● **Action item**
The copy you return should hold every record below word for word and no images.

● **Exercise data**

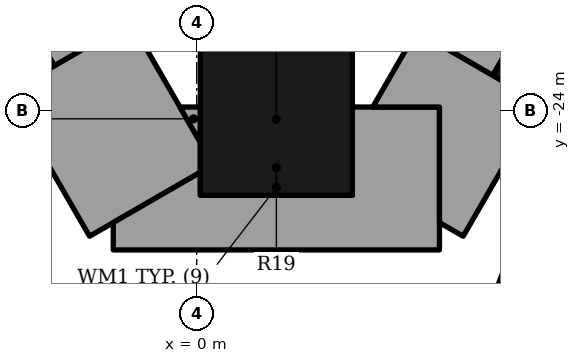
"""IFC4 building model, lengths in metres.
Left out: names, types, materials, properties, quantities, classifications, styles, units other than length and angle.
Written with IfcOpenShell. Run it as: python <this file> out.ifc"""

import sys

from ifc_helpers import new_model, si_unit, direction, frame, frame_2d, origin, origin_2d, place, context, subcontext, project, spatial, polyline, rectangle, outline, extrude, element, save


model = new_model("IFC4")
c1 = context("Model", 3, precision=1e-05, world=origin(), true_north=direction((0.0, 1.0)))
c2 = subcontext(c1, "Body", "Model", "MODEL_VIEW")
j1 = project(units=[si_unit("LENGTHUNIT", "METRE"), si_unit("PLANEANGLEUNIT", "RADIAN")], contexts=[c1])
p1 = place(None, origin())
s1 = spatial("IfcSite", under=j1, at=p1, CompositionType="ELEMENT")
p2 = place(p1, origin())
s2 = spatial("IfcBuilding", under=s1, at=p2, CompositionType="ELEMENT")
p3 = place(p2, frame((0.0, 0.0, 196.4)))
s3 = spatial("IfcBuildingStorey", under=s2, at=p3, CompositionType="ELEMENT", Elevation=196.4)
p4 = place(p3, frame((1.31, -24.142, 0.0), z_axis=(0.0, 0.0, 1.0), x_axis=(0.0, 1.0, 0.0)))
e1 = element("IfcColumn", 1, at=p4, inside=s3, PredefinedType="COLUMN", context=c2, shape_type="SweptSolid", body=[
    extrude(rectangle(XDim=2.5, YDim=2.5, at=origin_2d()), origin(), (0.0, 0.0, 1.0), 3.9),
])
for number, where, z_axis, x_axis in (
    (2, (-2.957, -23.096, 0.0), (0.0, 0.0, 1.0), (0.5, -0.866, 0.0)),
    (3, (5.486, -23.254, 0.0), (0.0, 0.0, 1.0), (0.5, 0.866, 0.0)),
):
    element("IfcColumn", number, at=place(p3, frame(where, z_axis=z_axis, x_axis=x_axis)), inside=s3, PredefinedType="COLUMN", context=c2, shape_type="SweptSolid", body=[
        extrude(rectangle(XDim=0.9, YDim=0.9, at=origin_2d()), origin(), (0.0, 0.0, 1.0), 3.9),
    ])
for number, where, z_axis, x_axis in (
    (4, (-2.492, -23.001, 0.0), (0.0, 0.0, 1.0), (0.866, 0.5, 0.0)),
    (5, (3.462, -22.259, 0.0), (0.0, 0.0, 1.0), (0.866, -0.5, 0.0)),
):
    element("IfcWall", number, at=place(p3, frame(where, z_axis=z_axis, x_axis=x_axis)), inside=s3, PredefinedType="SOLIDWALL", context=c2, shape_type="SweptSolid", body=[
        extrude(rectangle(XDim=1.8, YDim=0.6, at=frame_2d((0.9, 0.0))), origin(), (0.0, 0.0, 1.0), 3.0),
    ])
p5 = place(p3, origin())
e6 = element("IfcWall", 6, at=p5, inside=s3, PredefinedType="SOLIDWALL", context=c2, shape_type="SweptSolid", body=[
    extrude(outline(polyline([(0.06, -24.521), (-1.086, -22.535), (-3.121, -23.71), (-1.762, -26.065), (0.06, -25.013), (0.06, -24.521)])), origin(), (0.0, 0.0, 1.0), 3.0),
])
p6 = place(p3, origin())
e7 = element("IfcWall", 7, at=p6, inside=s3, PredefinedType="SOLIDWALL", context=c2, shape_type="SweptSolid", body=[
    extrude(outline(polyline([(2.56, -23.94), (2.56, -25.392), (0.06, -25.392), (0.06, -25.013), (-1.372, -25.84), (-1.372, -26.29), (3.993, -26.29), (3.993, -23.94), (2.56, -23.94)])), origin(), (0.0, 0.0, 1.0), 3.0),
])
p7 = place(p3, origin())
e8 = element("IfcWall", 8, at=p7, inside=s3, PredefinedType="SOLIDWALL", context=c2, shape_type="SweptSolid", body=[
    extrude(outline(polyline([(-0.275, -23.94), (0.06, -24.521), (0.06, -23.94), (-0.275, -23.94)])), origin(), (0.0, 0.0, 1.0), 3.0),
])
p8 = place(p3, origin())
e9 = element("IfcWall", 9, at=p8, inside=s3, PredefinedType="SOLIDWALL", context=c2, shape_type="SweptSolid", body=[
    extrude(outline(polyline([(4.871, -23.419), (3.615, -22.694), (2.896, -23.94), (3.993, -23.94), (3.993, -25.84), (4.383, -26.065), (5.651, -23.869), (4.871, -23.419), (4.871, -23.419)])), origin(), (0.0, 0.0, 1.0), 3.0),
])
save(model, sys.argv[1])

● **Task result**
"""IFC4 building model, lengths in metres.
Left out: names, types, materials, properties, quantities, classifications, styles, units other than length and angle.
Written with IfcOpenShell. Run it as: python <this file> out.ifc"""

import sys

from ifc_helpers import new_model, si_unit, direction, frame, frame_2d, origin, origin_2d, place, context, subcontext, project, spatial, polyline, rectangle, outline, extrude, element, save


model = new_model("IFC4")
c1 = context("Model", 3, precision=1e-05, world=origin(), true_north=direction((0.0, 1.0)))
c2 = subcontext(c1, "Body", "Model", "MODEL_VIEW")
j1 = project(units=[si_unit("LENGTHUNIT", "METRE"), si_unit("PLANEANGLEUNIT", "RADIAN")], contexts=[c1])
p1 = place(None, origin())
s1 = spatial("IfcSite", under=j1, at=p1, CompositionType="ELEMENT")
p2 = place(p1, origin())
s2 = spatial("IfcBuilding", under=s1, at=p2, CompositionType="ELEMENT")
p3 = place(p2, frame((0.0, 0.0, 196.4)))
s3 = spatial("IfcBuildingStorey", under=s2, at=p3, CompositionType="ELEMENT", Elevation=196.4)
p4 = place(p3, frame((1.31, -24.142, 0.0), z_axis=(0.0, 0.0, 1.0), x_axis=(0.0, 1.0, 0.0)))
e1 = element("IfcColumn", 1, at=p4, inside=s3, PredefinedType="COLUMN", context=c2, shape_type="SweptSolid", body=[
    extrude(rectangle(XDim=2.5, YDim=2.5, at=origin_2d()), origin(), (0.0, 0.0, 1.0), 3.9),
])
for number, where, z_axis, x_axis in (
    (2, (-2.957, -23.096, 0.0), (0.0, 0.0, 1.0), (0.5, -0.866, 0.0)),
    (3, (5.486, -23.254, 0.0), (0.0, 0.0, 1.0), (0.5, 0.866, 0.0)),
):
    element("IfcColumn", number, at=place(p3, frame(where, z_axis=z_axis, x_axis=x_axis)), inside=s3, PredefinedType="COLUMN", context=c2, shape_type="SweptSolid", body=[
        extrude(rectangle(XDim=0.9, YDim=0.9, at=origin_2d()), origin(), (0.0, 0.0, 1.0), 3.9),
    ])
for number, where, z_axis, x_axis in (
    (4, (-2.492, -23.001, 0.0), (0.0, 0.0, 1.0), (0.866, 0.5, 0.0)),
    (5, (3.462, -22.259, 0.0), (0.0, 0.0, 1.0), (0.866, -0.5, 0.0)),
):
    element("IfcWall", number, at=place(p3, frame(where, z_axis=z_axis, x_axis=x_axis)), inside=s3, PredefinedType="SOLIDWALL", context=c2, shape_type="SweptSolid", body=[
        extrude(rectangle(XDim=1.8, YDim=0.6, at=frame_2d((0.9, 0.0))), origin(), (0.0, 0.0, 1.0), 3.0),
    ])
p5 = place(p3, origin())
e6 = element("IfcWall", 6, at=p5, inside=s3, PredefinedType="SOLIDWALL", context=c2, shape_type="SweptSolid", body=[
    extrude(outline(polyline([(0.06, -24.521), (-1.086, -22.535), (-3.121, -23.71), (-1.762, -26.065), (0.06, -25.013), (0.06, -24.521)])), origin(), (0.0, 0.0, 1.0), 3.0),
])
p6 = place(p3, origin())
e7 = element("IfcWall", 7, at=p6, inside=s3, PredefinedType="SOLIDWALL", context=c2, shape_type="SweptSolid", body=[
    extrude(outline(polyline([(2.56, -23.94), (2.56, -25.392), (0.06, -25.392), (0.06, -25.013), (-1.372, -25.84), (-1.372, -26.29), (3.993, -26.29), (3.993, -23.94), (2.56, -23.94)])), origin(), (0.0, 0.0, 1.0), 3.0),
])
p7 = place(p3, origin())
e8 = element("IfcWall", 8, at=p7, inside=s3, PredefinedType="SOLIDWALL", context=c2, shape_type="SweptSolid", body=[
    extrude(outline(polyline([(-0.275, -23.94), (0.06, -24.521), (0.06, -23.94), (-0.275, -23.94)])), origin(), (0.0, 0.0, 1.0), 3.0),
])
p8 = place(p3, origin())
e9 = element("IfcWall", 9, at=p8, inside=s3, PredefinedType="SOLIDWALL", context=c2, shape_type="SweptSolid", body=[
    extrude(outline(polyline([(4.871, -23.419), (3.615, -22.694), (2.896, -23.94), (3.993, -23.94), (3.993, -25.84), (4.383, -26.065), (5.651, -23.869), (4.871, -23.419), (4.871, -23.419)])), origin(), (0.0, 0.0, 1.0), 3.0),
])
save(model, sys.argv[1])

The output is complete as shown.